Data extracts »
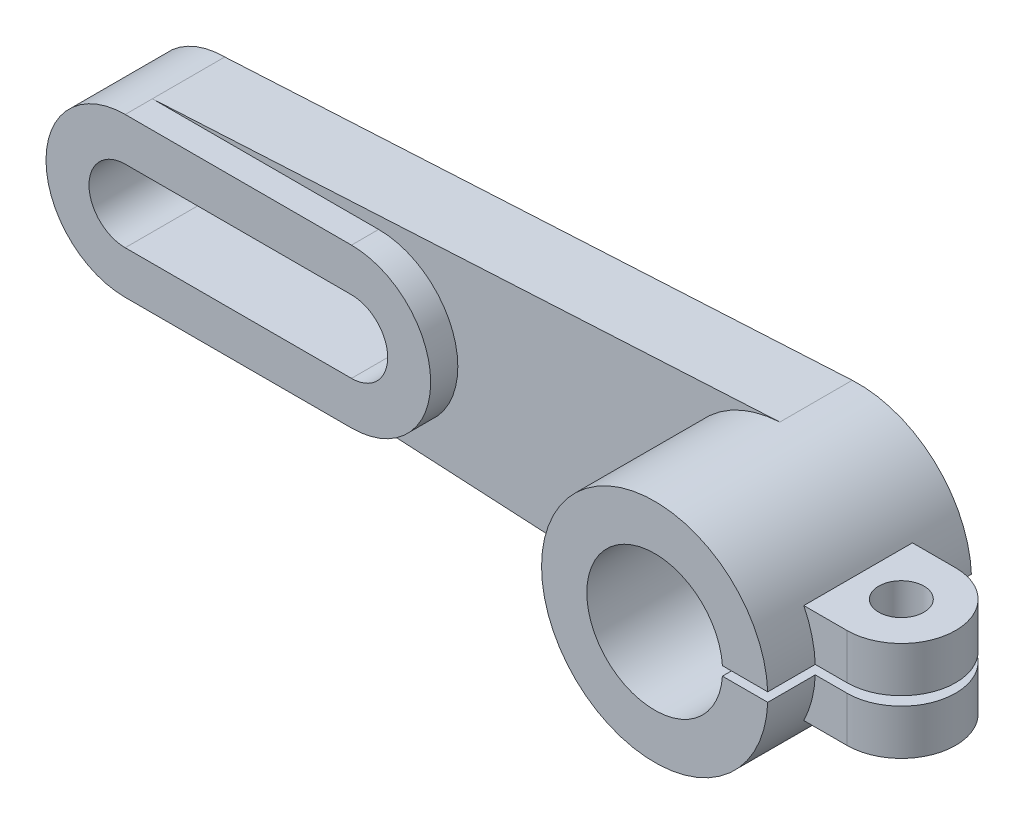
ISO-10303-21;
HEADER;
FILE_DESCRIPTION(('STEP AP214'),'2;1');
FILE_NAME('part.step','',(''),(''),'','','');
FILE_SCHEMA(('AUTOMOTIVE_DESIGN { 1 0 10303 214 1 1 1 1 }'));
ENDSEC;
DATA;
#1=APPLICATION_CONTEXT('core data for automotive mechanical design processes');
#2=APPLICATION_PROTOCOL_DEFINITION('international standard','automotive_design',2000,#1);
#3=PRODUCT_CONTEXT('',#1,'mechanical');
#4=PRODUCT('Part','Part','',(#3));
#5=PRODUCT_RELATED_PRODUCT_CATEGORY('part','',(#4));
#6=PRODUCT_DEFINITION_FORMATION('','',#4);
#7=PRODUCT_DEFINITION_CONTEXT('part definition',#1,'design');
#8=PRODUCT_DEFINITION('design','',#6,#7);
#9=PRODUCT_DEFINITION_SHAPE('','',#8);
#10=(LENGTH_UNIT() NAMED_UNIT(*) SI_UNIT(.MILLI.,.METRE.));
#11=(NAMED_UNIT(*) PLANE_ANGLE_UNIT() SI_UNIT($,.RADIAN.));
#12=(NAMED_UNIT(*) SI_UNIT($,.STERADIAN.) SOLID_ANGLE_UNIT());
#13=UNCERTAINTY_MEASURE_WITH_UNIT(LENGTH_MEASURE(1.E-05),#10,'distance_accuracy_value','');
#14=(GEOMETRIC_REPRESENTATION_CONTEXT(3) GLOBAL_UNCERTAINTY_ASSIGNED_CONTEXT((#13)) GLOBAL_UNIT_ASSIGNED_CONTEXT((#10,
#11,#12)) REPRESENTATION_CONTEXT('',''));
#15=CARTESIAN_POINT('',(0.,0.,0.));
#16=DIRECTION('',(0.,0.,1.));
#17=DIRECTION('',(1.,0.,0.));
#18=AXIS2_PLACEMENT_3D('',#15,#16,#17);
#19=CARTESIAN_POINT('',(32.,11.,22.5));
#20=DIRECTION('',(0.,-1.,0.));
#21=DIRECTION('',(0.,0.,-1.));
#22=AXIS2_PLACEMENT_3D('',#19,#20,#21);
#23=CYLINDRICAL_SURFACE('',#22,12.);
#24=DIRECTION('',(0.,-1.,0.));
#25=VECTOR('',#24,1.);
#26=CARTESIAN_POINT('',(32.,11.,10.5));
#27=LINE('',#26,#25);
#28=CARTESIAN_POINT('',(32.,-1.,10.5));
#29=VERTEX_POINT('',#28);
#30=CARTESIAN_POINT('',(32.,-11.,10.5));
#31=VERTEX_POINT('',#30);
#32=EDGE_CURVE('E301',#29,#31,#27,.T.);
#33=ORIENTED_EDGE('',*,*,#32,.F.);
#34=CARTESIAN_POINT('',(32.,-1.,22.5));
#35=DIRECTION('',(0.,-1.,0.));
#36=DIRECTION('',(0.,0.,-1.));
#37=AXIS2_PLACEMENT_3D('',#34,#35,#36);
#38=CIRCLE('',#37,12.);
#39=CARTESIAN_POINT('',(32.,-1.,34.5));
#40=VERTEX_POINT('',#39);
#41=EDGE_CURVE('E267',#29,#40,#38,.T.);
#42=ORIENTED_EDGE('',*,*,#41,.T.);
#43=DIRECTION('',(0.,-1.,0.));
#44=VECTOR('',#43,1.);
#45=CARTESIAN_POINT('',(32.,11.,34.5));
#46=LINE('',#45,#44);
#47=CARTESIAN_POINT('',(32.,-11.,34.5));
#48=VERTEX_POINT('',#47);
#49=EDGE_CURVE('E291',#40,#48,#46,.T.);
#50=ORIENTED_EDGE('',*,*,#49,.T.);
#51=CARTESIAN_POINT('',(32.,-11.,22.5));
#52=DIRECTION('',(0.,1.,0.));
#53=DIRECTION('',(0.,0.,1.));
#54=AXIS2_PLACEMENT_3D('',#51,#52,#53);
#55=CIRCLE('',#54,12.);
#56=EDGE_CURVE('E278',#48,#31,#55,.T.);
#57=ORIENTED_EDGE('',*,*,#56,.T.);
#58=EDGE_LOOP('',(#33,#42,#50,#57));
#59=FACE_BOUND('',#58,.T.);
#60=ADVANCED_FACE('F43',(#59),#23,.T.);
#61=CARTESIAN_POINT('',(16.6767998289148,11.,10.5));
#62=DIRECTION('',(0.,0.,1.));
#63=DIRECTION('',(1.,0.,0.));
#64=AXIS2_PLACEMENT_3D('',#61,#62,#63);
#65=PLANE('',#64);
#66=CARTESIAN_POINT('',(0.,0.,10.5));
#67=DIRECTION('',(0.,0.,1.));
#68=DIRECTION('',(1.,0.,0.));
#69=AXIS2_PLACEMENT_3D('',#66,#67,#68);
#70=CIRCLE('',#69,25.);
#71=CARTESIAN_POINT('',(22.4499443206436,-11.,10.5));
#72=VERTEX_POINT('',#71);
#73=CARTESIAN_POINT('',(24.9799919935936,-1.,10.5));
#74=VERTEX_POINT('',#73);
#75=EDGE_CURVE('E11',#72,#74,#70,.T.);
#76=ORIENTED_EDGE('',*,*,#75,.T.);
#77=DIRECTION('',(1.,0.,0.));
#78=VECTOR('',#77,1.);
#79=CARTESIAN_POINT('',(16.6767998289148,-1.,10.5));
#80=LINE('',#79,#78);
#81=EDGE_CURVE('E272',#74,#29,#80,.T.);
#82=ORIENTED_EDGE('',*,*,#81,.T.);
#83=ORIENTED_EDGE('',*,*,#32,.T.);
#84=DIRECTION('',(-1.,0.,0.));
#85=VECTOR('',#84,1.);
#86=CARTESIAN_POINT('',(16.6767998289148,-11.,10.5));
#87=LINE('',#86,#85);
#88=EDGE_CURVE('E298',#31,#72,#87,.T.);
#89=ORIENTED_EDGE('',*,*,#88,.T.);
#90=EDGE_LOOP('',(#76,#82,#83,#89));
#91=FACE_BOUND('',#90,.T.);
#92=ADVANCED_FACE('F411',(#91),#65,.F.);
#93=CARTESIAN_POINT('',(32.,11.,34.5));
#94=DIRECTION('',(0.,0.,-1.));
#95=DIRECTION('',(-1.,0.,0.));
#96=AXIS2_PLACEMENT_3D('',#93,#94,#95);
#97=PLANE('',#96);
#98=ORIENTED_EDGE('',*,*,#49,.F.);
#99=DIRECTION('',(-1.,0.,0.));
#100=VECTOR('',#99,1.);
#101=CARTESIAN_POINT('',(32.,-1.,34.5));
#102=LINE('',#101,#100);
#103=CARTESIAN_POINT('',(24.9799919935936,-1.,34.5));
#104=VERTEX_POINT('',#103);
#105=EDGE_CURVE('E270',#40,#104,#102,.T.);
#106=ORIENTED_EDGE('',*,*,#105,.T.);
#107=CARTESIAN_POINT('',(0.,0.,34.5));
#108=DIRECTION('',(0.,0.,-1.));
#109=DIRECTION('',(-1.,0.,0.));
#110=AXIS2_PLACEMENT_3D('',#107,#108,#109);
#111=CIRCLE('',#110,25.);
#112=CARTESIAN_POINT('',(22.4499443206436,-11.,34.5));
#113=VERTEX_POINT('',#112);
#114=EDGE_CURVE('E237',#104,#113,#111,.T.);
#115=ORIENTED_EDGE('',*,*,#114,.T.);
#116=DIRECTION('',(1.,0.,0.));
#117=VECTOR('',#116,1.);
#118=CARTESIAN_POINT('',(32.,-11.,34.5));
#119=LINE('',#118,#117);
#120=EDGE_CURVE('E289',#113,#48,#119,.T.);
#121=ORIENTED_EDGE('',*,*,#120,.T.);
#122=EDGE_LOOP('',(#98,#106,#115,#121));
#123=FACE_BOUND('',#122,.T.);
#124=ADVANCED_FACE('F425',(#123),#97,.F.);
#125=CARTESIAN_POINT('',(32.,11.,22.5));
#126=DIRECTION('',(0.,-1.,0.));
#127=DIRECTION('',(0.,0.,-1.));
#128=AXIS2_PLACEMENT_3D('',#125,#126,#127);
#129=CYLINDRICAL_SURFACE('',#128,5.);
#130=CARTESIAN_POINT('',(32.,-1.,22.5));
#131=DIRECTION('',(0.,-1.,0.));
#132=DIRECTION('',(0.,0.,-1.));
#133=AXIS2_PLACEMENT_3D('',#130,#131,#132);
#134=CIRCLE('',#133,5.);
#135=CARTESIAN_POINT('',(32.,-1.,17.5));
#136=VERTEX_POINT('',#135);
#137=EDGE_CURVE('E50',#136,#136,#134,.T.);
#138=ORIENTED_EDGE('',*,*,#137,.F.);
#139=EDGE_LOOP('',(#138));
#140=FACE_BOUND('',#139,.T.);
#141=CARTESIAN_POINT('',(32.,-11.,22.5));
#142=DIRECTION('',(0.,1.,0.));
#143=DIRECTION('',(0.,0.,1.));
#144=AXIS2_PLACEMENT_3D('',#141,#142,#143);
#145=CIRCLE('',#144,5.);
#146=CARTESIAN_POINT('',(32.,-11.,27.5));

What you need to do »
All that is wanted is an exact copy of the lines above from the one with "#105=EDGE_CURVE('E270',#40,#104,#102,.T.);" through the one with "#135=CARTESIAN_POINT('',(32.,-1.,17.5));", with both ends included.

Written solution »
#105=EDGE_CURVE('E270',#40,#104,#102,.T.);
#106=ORIENTED_EDGE('',*,*,#105,.T.);
#107=CARTESIAN_POINT('',(0.,0.,34.5));
#108=DIRECTION('',(0.,0.,-1.));
#109=DIRECTION('',(-1.,0.,0.));
#110=AXIS2_PLACEMENT_3D('',#107,#108,#109);
#111=CIRCLE('',#110,25.);
#112=CARTESIAN_POINT('',(22.4499443206436,-11.,34.5));
#113=VERTEX_POINT('',#112);
#114=EDGE_CURVE('E237',#104,#113,#111,.T.);
#115=ORIENTED_EDGE('',*,*,#114,.T.);
#116=DIRECTION('',(1.,0.,0.));
#117=VECTOR('',#116,1.);
#118=CARTESIAN_POINT('',(32.,-11.,34.5));
#119=LINE('',#118,#117);
#120=EDGE_CURVE('E289',#113,#48,#119,.T.);
#121=ORIENTED_EDGE('',*,*,#120,.T.);
#122=EDGE_LOOP('',(#98,#106,#115,#121));
#123=FACE_BOUND('',#122,.T.);
#124=ADVANCED_FACE('F425',(#123),#97,.F.);
#125=CARTESIAN_POINT('',(32.,11.,22.5));
#126=DIRECTION('',(0.,-1.,0.));
#127=DIRECTION('',(0.,0.,-1.));
#128=AXIS2_PLACEMENT_3D('',#125,#126,#127);
#129=CYLINDRICAL_SURFACE('',#128,5.);
#130=CARTESIAN_POINT('',(32.,-1.,22.5));
#131=DIRECTION('',(0.,-1.,0.));
#132=DIRECTION('',(0.,0.,-1.));
#133=AXIS2_PLACEMENT_3D('',#130,#131,#132);
#134=CIRCLE('',#133,5.);
#135=CARTESIAN_POINT('',(32.,-1.,17.5));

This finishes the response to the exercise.